Dataset excerpts Block Start

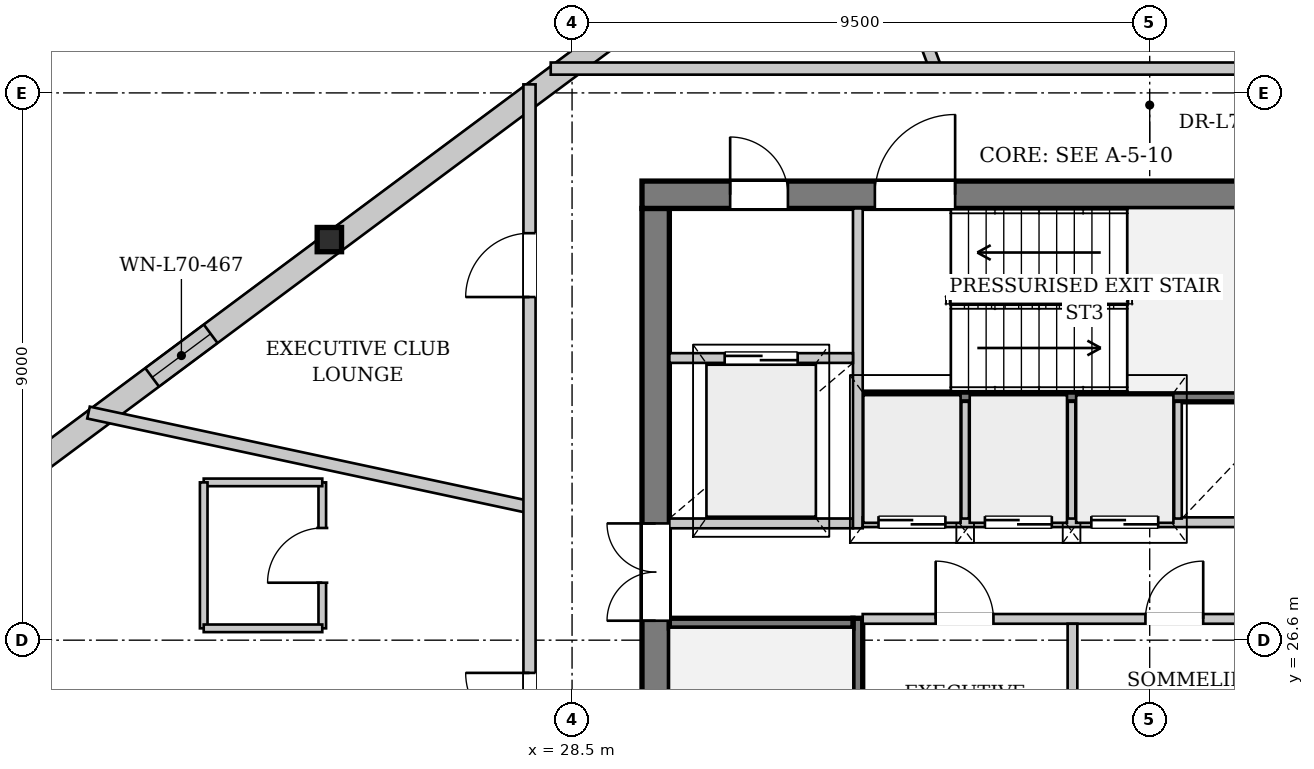
"""IFC4 building model, lengths in metres.
Left out: names, types, materials, properties, quantities, classifications, styles, units other than length and angle.
Written with IfcOpenShell. Run it as: python <this file> out.ifc"""

import sys

from ifc_helpers import new_model, si_unit, direction, frame, frame_2d, origin, origin_2d, place, context, subcontext, project, spatial, rectangle, i_section, extrude, source, transform, mapped, element, fill, save


model = new_model("IFC4")
c1 = context("Model", 3, precision=1e-05, world=origin(), true_north=direction((0.0, 1.0)))
c2 = subcontext(c1, "Body", "Model", "MODEL_VIEW")
j1 = project(units=[si_unit("LENGTHUNIT", "METRE"), si_unit("PLANEANGLEUNIT", "RADIAN")], contexts=[c1])
p1 = place(None, origin())
s1 = spatial("IfcSite", under=j1, at=p1, CompositionType="ELEMENT")
p2 = place(p1, origin())
s2 = spatial("IfcBuilding", under=s1, at=p2, CompositionType="ELEMENT")
p3 = place(p2, frame((0.0, 0.0, 263.3)))
s3 = spatial("IfcBuildingStorey", under=s2, at=p3, CompositionType="ELEMENT", Elevation=263.3)
m1 = source(origin(), c2, "Body", "SweptSolid", [
    extrude(i_section(OverallWidth=0.401, OverallDepth=0.399, WebThickness=0.022, FlangeThickness=0.034, at=origin_2d()), origin(), (0.0, 0.0, 1.0), 3.449),
])
p4 = place(p3, frame((24.526, 33.341, 0.0), z_axis=(-0.010051977317, -0.088839658682, 0.995995217256), x_axis=(0.99365964574, -0.112430015693, 0.0)))
e1 = element("IfcColumn", 1, at=p4, inside=s3, PredefinedType="COLUMN", context=c2, shape_type="MappedRepresentation", body=[
    mapped(m1, transform((0.0, 0.0, 0.0), x_axis=(1.0, 0.0, 0.0), y_axis=(0.0, 1.0, 0.0), z_axis=(0.0, 0.0, 1.0), scale=1.0)),
])
p5 = place(p3, frame((15.894, 26.68, 0.0), z_axis=(0.0, 0.0, 1.0), x_axis=(0.802229105353, 0.59701630005, 0.0)))
e2 = element("IfcWall", 2, at=p5, inside=s3, PredefinedType="SOLIDWALL", context=c2, shape_type="SweptSolid", body=[
    extrude(rectangle(XDim=21.802, YDim=0.38, at=frame_2d((10.901, 0.0))), origin(), (0.0, 0.0, 1.0), 2.872),
])
p6 = place(p5, frame((7.105, 0.0, 0.65)))
e3 = element("IfcOpeningElement", 3, at=p6, cuts=e2, PredefinedType="OPENING", context=c2, shape_type="SweptSolid", body=[
    extrude(rectangle(XDim=1.2, YDim=1.5, at=frame_2d((0.6, 0.75))), frame((0.0, 0.2, 0.0), z_axis=(0.0, -1.0, 0.0), x_axis=(1.0, 0.0, 0.0)), (0.0, 0.0, 1.0), 0.4),
])
p7 = place(p5, frame((16.698, 0.0, 0.65)))
e4 = element("IfcOpeningElement", 4, at=p7, cuts=e2, PredefinedType="OPENING", context=c2, shape_type="SweptSolid", body=[
    extrude(rectangle(XDim=1.2, YDim=1.5, at=frame_2d((0.6, 0.75))), frame((0.0, 0.2, 0.0), z_axis=(0.0, -1.0, 0.0), x_axis=(1.0, 0.0, 0.0)), (0.0, 0.0, 1.0), 0.4),
])
p8 = place(p3, frame((29.875, 19.5, 0.0), z_axis=(0.0, 0.0, 1.0), x_axis=(0.0, 1.0, 0.0)))
e5 = element("IfcWall", 5, at=p8, inside=s3, PredefinedType="SHEAR", context=c2, shape_type="SweptSolid", body=[
    extrude(rectangle(XDim=14.2, YDim=0.45, at=frame_2d((7.1, 0.0))), origin(), (0.0, 0.0, 1.0), 3.38),
])
p9 = place(p8, frame((7.42, 0.0, 0.0)))
e6 = element("IfcOpeningElement", 6, at=p9, cuts=e5, PredefinedType="OPENING", context=c2, shape_type="SweptSolid", body=[
    extrude(rectangle(XDim=1.6, YDim=2.2, at=frame_2d((0.8, 1.1))), frame((0.0, 0.235, 0.0), z_axis=(0.0, -1.0, 0.0), x_axis=(1.0, 0.0, 0.0)), (0.0, 0.0, 1.0), 0.47),
])
p10 = place(p3, frame((29.65, 33.925, 0.0), z_axis=(0.0, 0.0, 1.0), x_axis=(1.0, 0.0, 0.0)))
e7 = element("IfcWall", 7, at=p10, inside=s3, PredefinedType="SHEAR", context=c2, shape_type="SweptSolid", body=[
    extrude(rectangle(XDim=16.7, YDim=0.45, at=frame_2d((8.35, 0.0))), origin(), (0.0, 0.0, 1.0), 3.38),
])
p11 = place(p10, frame((1.45, 0.0, 0.0)))
e8 = element("IfcOpeningElement", 8, at=p11, cuts=e7, PredefinedType="OPENING", context=c2, shape_type="SweptSolid", body=[
    extrude(rectangle(XDim=0.95, YDim=2.1, at=frame_2d((0.475, 1.05))), frame((0.0, 0.235, 0.0), z_axis=(0.0, -1.0, 0.0), x_axis=(1.0, 0.0, 0.0)), (0.0, 0.0, 1.0), 0.47),
])
p12 = place(p10, frame((3.83, 0.0, 0.0)))
e9 = element("IfcOpeningElement", 9, at=p12, cuts=e7, PredefinedType="OPENING", context=c2, shape_type="SweptSolid", body=[
    extrude(rectangle(XDim=1.32, YDim=2.2, at=frame_2d((0.66, 1.1))), frame((0.0, 0.235, 0.0), z_axis=(0.0, -1.0, 0.0), x_axis=(1.0, 0.0, 0.0)), (0.0, 0.0, 1.0), 0.47),
])
p13 = place(p3, frame((33.2, 19.5, 0.0), z_axis=(0.0, 0.0, 1.0), x_axis=(0.0, 1.0, 0.0)))
e10 = element("IfcWall", 10, at=p13, inside=s3, PredefinedType="PARTITIONING", context=c2, shape_type="SweptSolid", body=[
    extrude(rectangle(XDim=7.46, YDim=0.16, at=frame_2d((3.73, 0.0))), origin(), (0.0, 0.0, 1.0), 3.38),
])
p14 = place(p13, frame((0.08, 0.0, 0.0)))
e11 = element("IfcOpeningElement", 11, at=p14, cuts=e10, PredefinedType="OPENING", context=c2, shape_type="SweptSolid", body=[
    extrude(rectangle(XDim=1.32, YDim=2.2, at=frame_2d((0.66, 1.1))), frame((0.0, 0.09, 0.0), z_axis=(0.0, -1.0, 0.0), x_axis=(1.0, 0.0, 0.0)), (0.0, 0.0, 1.0), 0.18),
])
p15 = place(p3, frame((30.1, 26.88, 0.0), z_axis=(0.0, 0.0, 1.0), x_axis=(1.0, 0.0, 0.0)))
e12 = element("IfcWall", 12, at=p15, inside=s3, PredefinedType="PARTITIONING", context=c2, shape_type="SweptSolid", body=[
    extrude(rectangle(XDim=3.02, YDim=0.16, at=frame_2d((1.51, 0.0))), origin(), (0.0, 0.0, 1.0), 3.38),
])
p16 = place(p3, frame((33.28, 30.6, 0.0), z_axis=(0.0, 0.0, 1.0), x_axis=(1.0, 0.0, 0.0)))
e13 = element("IfcWall", 13, at=p16, inside=s3, PredefinedType="PARTITIONING", context=c2, shape_type="SweptSolid", body=[
    extrude(rectangle(XDim=7.3, YDim=0.16, at=frame_2d((3.65, 0.0))), origin(), (0.0, 0.0, 1.0), 3.38),
])
p17 = place(p3, frame((30.1, 28.52, 0.0), z_axis=(0.0, 0.0, 1.0), x_axis=(1.0, 0.0, 0.0)))
e14 = element("IfcWall", 14, at=p17, inside=s3, PredefinedType="PARTITIONING", context=c2, shape_type="SweptSolid", body=[
    extrude(rectangle(XDim=3.02, YDim=0.16, at=frame_2d((1.51, 0.0))), origin(), (0.0, 0.0, 1.0), 3.38),
])
p18 = place(p3, frame((33.2, 28.44, 0.0), z_axis=(0.0, 0.0, 1.0), x_axis=(0.0, 1.0, 0.0)))
e15 = element("IfcWall", 15, at=p18, inside=s3, PredefinedType="PARTITIONING", context=c2, shape_type="SweptSolid", body=[
    extrude(rectangle(XDim=5.26, YDim=0.16, at=frame_2d((2.63, 0.0))), origin(), (0.0, 0.0, 1.0), 3.38),
])
p19 = place(p3, frame((30.1, 31.24, 0.0), z_axis=(0.0, 0.0, 1.0), x_axis=(1.0, 0.0, 0.0)))
e16 = element("IfcWall", 16, at=p19, inside=s3, PredefinedType="PARTITIONING", context=c2, shape_type="SweptSolid", body=[
    extrude(rectangle(XDim=3.02, YDim=0.16, at=frame_2d((1.51, 0.0))), origin(), (0.0, 0.0, 1.0), 3.38),
])
p20 = place(p19, frame((0.91, 0.0, 0.0)))
e17 = element("IfcOpeningElement", 17, at=p20, cuts=e16, PredefinedType="OPENING", context=c2, shape_type="SweptSolid", body=[
    extrude(rectangle(XDim=1.2, YDim=2.2, at=frame_2d((0.6, 1.1))), frame((0.0, 0.09, 0.0), z_axis=(0.0, -1.0, 0.0), x_axis=(1.0, 0.0, 0.0)), (0.0, 0.0, 1.0), 0.18),
])
p21 = place(p3, frame((33.28, 26.95, 0.0), z_axis=(0.0, 0.0, 1.0), x_axis=(1.0, 0.0, 0.0)))
e18 = element("IfcWall", 18, at=p21, inside=s3, PredefinedType="PARTITIONING", context=c2, shape_type="SweptSolid", body=[
    extrude(rectangle(XDim=9.44, YDim=0.16, at=frame_2d((4.72, 0.0))), origin(), (0.0, 0.0, 1.0), 3.38),
])
p22 = place(p21, frame((1.2, 0.0, 0.0)))
e19 = element("IfcOpeningElement", 19, at=p22, cuts=e18, PredefinedType="OPENING", context=c2, shape_type="SweptSolid", body=[
    extrude(rectangle(XDim=0.95, YDim=2.1, at=frame_2d((0.475, 1.05))), frame((0.0, 0.09, 0.0), z_axis=(0.0, -1.0, 0.0), x_axis=(1.0, 0.0, 0.0)), (0.0, 0.0, 1.0), 0.18),
])
p23 = place(p21, frame((4.65, 0.0, 0.0)))
e20 = element("IfcOpeningElement", 20, at=p23, cuts=e18, PredefinedType="OPENING", context=c2, shape_type="SweptSolid", body=[
    extrude(rectangle(XDim=0.95, YDim=2.1, at=frame_2d((0.475, 1.05))), frame((0.0, 0.09, 0.0), z_axis=(0.0, -1.0, 0.0), x_axis=(1.0, 0.0, 0.0)), (0.0, 0.0, 1.0), 0.18),
])
p24 = place(p21, frame((7.67, 0.0, 0.0)))
e21 = element("IfcOpeningElement", 21, at=p24, cuts=e18, PredefinedType="OPENING", context=c2, shape_type="SweptSolid", body=[
    extrude(rectangle(XDim=1.1, YDim=2.2, at=frame_2d((0.55, 1.1))), frame((0.0, 0.09, 0.0), z_axis=(0.0, -1.0, 0.0), x_axis=(1.0, 0.0, 0.0)), (0.0, 0.0, 1.0), 0.18),
])
p25 = place(p3, frame((36.73, 24.56, 0.0), z_axis=(0.0, 0.0, 1.0), x_axis=(0.0, 1.0, 0.0)))
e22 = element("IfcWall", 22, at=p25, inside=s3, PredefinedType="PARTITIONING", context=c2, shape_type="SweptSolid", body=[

Dataset excerpts Block End

Take from the listing above each line containing "subcontext".

from ifc_helpers import new_model, si_unit, direction, frame, frame_2d, origin, origin_2d, place, context, subcontext, project, spatial, rectangle, i_section, extrude, source, transform, mapped, element, fill, save
c2 = subcontext(c1, "Body", "Model", "MODEL_VIEW")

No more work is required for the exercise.